> _Requirement_: Select the lines of the records containing the word "distance" and list them.

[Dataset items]

Content starts

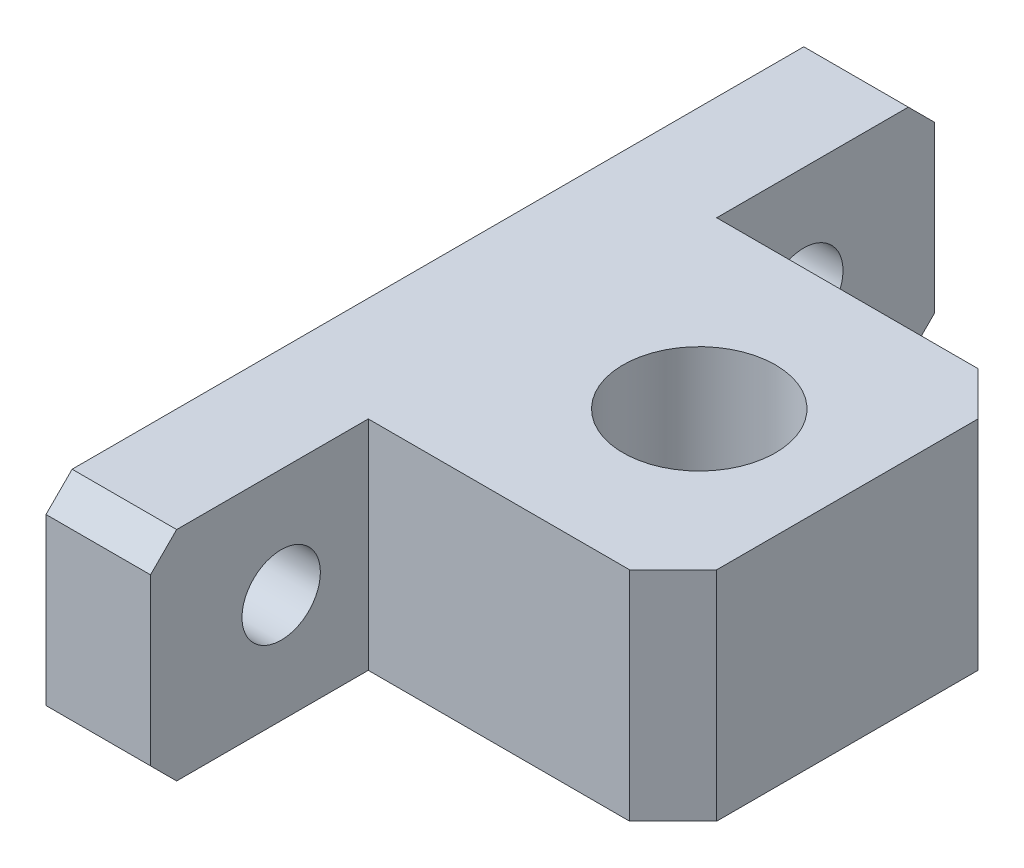
SolidWorks part; units mm, degrees
ref_plane "前视基准面" through (0, 0, 0) normal (0, 0, 1) x (1, 0, 0)
ref_plane "上视基准面" through (0, 0, 0) normal (0, 1, 0) x (1, 0, 0)
ref_plane "右视基准面" through (0, 0, 0) normal (1, 0, 0) x (0, 0, -1)
sketch "草图1" plane through (0, 0, 0) normal (1, 0, 0) x (0, 0, -1)
  line L1 (-45, 12.5) -> (45, 12.5)
  line L2 (-45, 12.5) -> (-45, -12.5)
  line L3 (-45, -12.5) -> (45, -12.5)
  line L4 (45, 12.5) -> (45, -12.5)
  line L5 (-45, 12.5) -> (45, -12.5) construction
  line L6 (-45, -12.5) -> (45, 12.5) construction
  point P0 (0, 0)
  dimension "D1" = 90
  dimension "D2" = 25
extrude "凸台-拉伸1" add sketch "草图1" along normal blind 12
sketch "草图2" plane through (12, 0, 0) normal (1, 0, 0) x (0, 0, -1)
  line L1 (-20, 12.5) -> (20, 12.5)
  line L2 (-20, 12.5) -> (-20, -12.5)
  line L3 (-20, -12.5) -> (20, -12.5)
  line L4 (20, 12.5) -> (20, -12.5)
  line L5 (-20, 12.5) -> (20, -12.5) construction
  line L6 (-20, -12.5) -> (20, 12.5) construction
  point P0 (0, 0)
  dimension "D1" = 40
  dimension "D2" = 25
extrude "凸台-拉伸2" add sketch "草图2" along normal blind 35
hole_wizard "M20 螺纹孔1" positions "草图3" profile "草图4" tap size "M20" standard "GB" end condition through all
sketch "草图3" plane through (0, -12.5, 0) normal (0, -1, 0) x (-1, 0, 0)
  line L0 (0, -45) -> (0, 45) construction
  point P0 (-30, 0)
  dimension "D1" = 30
sketch "草图4" plane through (30, -12.5, 0) normal (1, 0, 0) x (0, 0, -1)
  line L0 (0, 0) -> (0, 25)
  line L1 (0, 25) -> (8.75, 25)
  line L2 (8.75, 25) -> (8.75, 0)
  line L5 (8.75, 0) -> (0, 0)
  line L11 (0, -6.35) -> (0, 107.95) construction
  dimension "通孔螺纹孔钻头直径" = 17.5
  dimension "通孔螺纹孔钻头深度" = 25
cosmetic thread "孔螺蚊线1" parameters "D2"=20
hole_wizard "Ø9.0 (9) 直径孔1" positions "草图5" profile "草图6" hole size "Ø9.0" standard "GB" end condition through all
sketch "草图5" plane through (12, 0, 0) normal (1, 0, 0) x (0, 0, -1)
  line L0 (0, 47.7647) -> (0, 0) construction
  line L1 (0, 0) -> (53.9093, 0) construction
  point P4 (-30, 0)
  point P6 (30, 0)
  dimension "D1" = 60
sketch "草图6" plane through (12, 0, 30) normal (0, 1, 0) x (0, 0, -1)
  line L0 (0, 0) -> (0, 12)
  line L1 (0, 12) -> (4.5, 12)
  line L2 (4.5, 12) -> (4.5, 0)
  line L5 (4.5, 0) -> (0, 0)
  line L11 (0, -6.35) -> (0, 107.95) construction
  dimension "通孔孔直径" = 9
  dimension "通孔孔深度" = 12
chamfer "倒角1" distance 5 angle 45 2 edges at (47, 0, -20) (47, 0, 20)
chamfer "倒角2" distance 3 angle 45 4 edges at (6, 12.5, -45) (6, -12.5, -45) (6, 12.5, 45) (6, -12.5, 45)
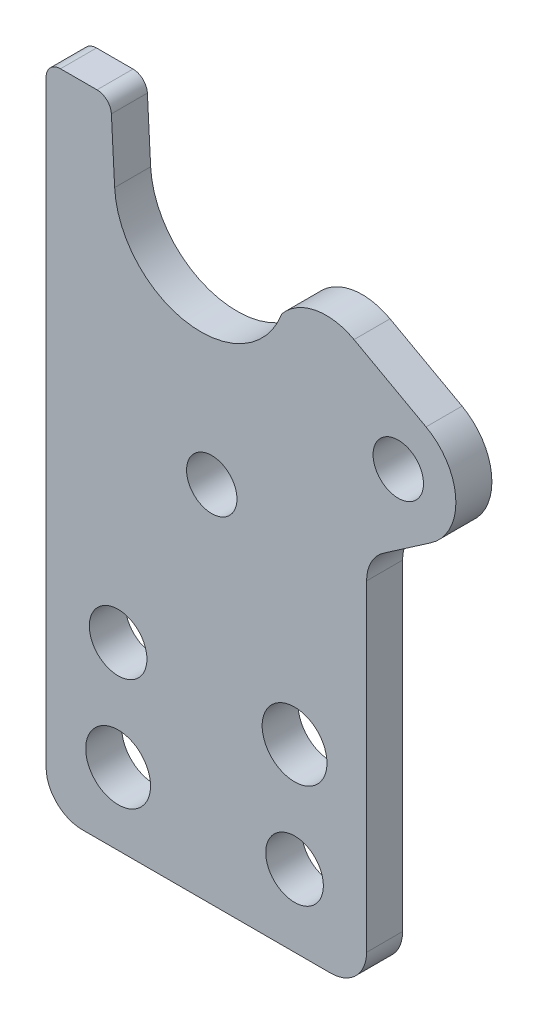
SolidWorks part; units mm, degrees
material "AISI 1045 钢，冷拔"
ref_plane "Front Plane" through (0, 0, 0) normal (0, 0, 1) x (1, 0, 0)
ref_plane "Top Plane" through (0, 0, 0) normal (0, 1, 0) x (1, 0, 0)
ref_plane "Right Plane" through (0, 0, 0) normal (1, 0, 0) x (0, 0, -1)
sketch "Sketch1" plane through (0, 0, 0) normal (0, 0, 1) x (1, 0, 0)
  line L0 (8.9647, 90) -> (9.5164, 79.472)
  line L1 (0, 0) -> (44.5, 0)
  line L2 (0, 0) -> (0, 90)
  line L3 (0, 90) -> (8.9647, 90)
  line L4 (44.5, 0) -> (44.5, 49.6662)
  line L5 (42.7553, 77.8097) -> (52.7553, 72.3097)
  line L6 (48.9, 72.3097) -> (48.9, 31.6389) construction
  line L7 (53.4373, 58.7111) -> (46.8806, 54.1961)
  arc A0 (9.5164, 79.472) -> (32.7448, 75.9101) centre (21.5, 80.1) ccw
  arc A1 (42.7553, 77.8097) -> (32.7448, 75.9101) centre (38.9, 70.8) ccw
  circle A2 centre (48.9, 65.3) radius 3.5
  arc A3 (53.4373, 58.7111) -> (52.7553, 72.3097) centre (48.9, 65.3) ccw
  arc A4 (46.8806, 54.1961) -> (44.5, 49.6662) centre (50, 49.6662) ccw
  circle A5 centre (10, 10) radius 4.5
  circle A6 centre (10, 25) radius 4
  circle A7 centre (34.5, 10) radius 4
  circle A8 centre (34.5, 25) radius 4.5
  circle A9 centre (23, 50.5) radius 3.5
  dimension "D3" = 21.5
  dimension "D4" = 9.9
  dimension "D6" = 24
  dimension "D7" = 38.9
  dimension "D8" = 19.2
  dimension "D9" = 48.9
  dimension "D10" = 24.7
  dimension "D11" = 7
  dimension "D12" = 16
  dimension "D13" = 8
  dimension "D14" = 50
  dimension "D16" = 11
  dimension "D17" = 10
  dimension "D18" = 10
  dimension "D19" = 10
  dimension "D20" = 15
  dimension "D21" = 9
  dimension "D22" = 8
  dimension "D23" = 9
  dimension "D24" = 8
  dimension "D25" = 10
  dimension "D26" = 10
  dimension "D27" = 10
  dimension "D28" = 15
  dimension "D29" = 7
  dimension "D30" = 23
  dimension "D31" = 50.5
  dimension "D1" = 44.5
  dimension "D2" = 90
  dimension "D5" = 93
  dimension "D15" = 34.552
extrude "Boss-Extrude1" add sketch "Sketch1" along normal blind 5
fillet "Fillet1" radius 2 2 edges at (8.9647, 90, 2.5) (0, 90, 2.5)
fillet "Fillet2" radius 5 2 edges at (44.5, 0, 2.5) (0, 0, 2.5)

Content ends

> _Task solution_:
chamfer "倒角1" distance 5 angle 45 2 edges at (47, 0, -20) (47, 0, 20)
chamfer "倒角2" distance 3 angle 45 4 edges at (6, 12.5, -45) (6, -12.5, -45) (6, 12.5, 45) (6, -12.5, 45)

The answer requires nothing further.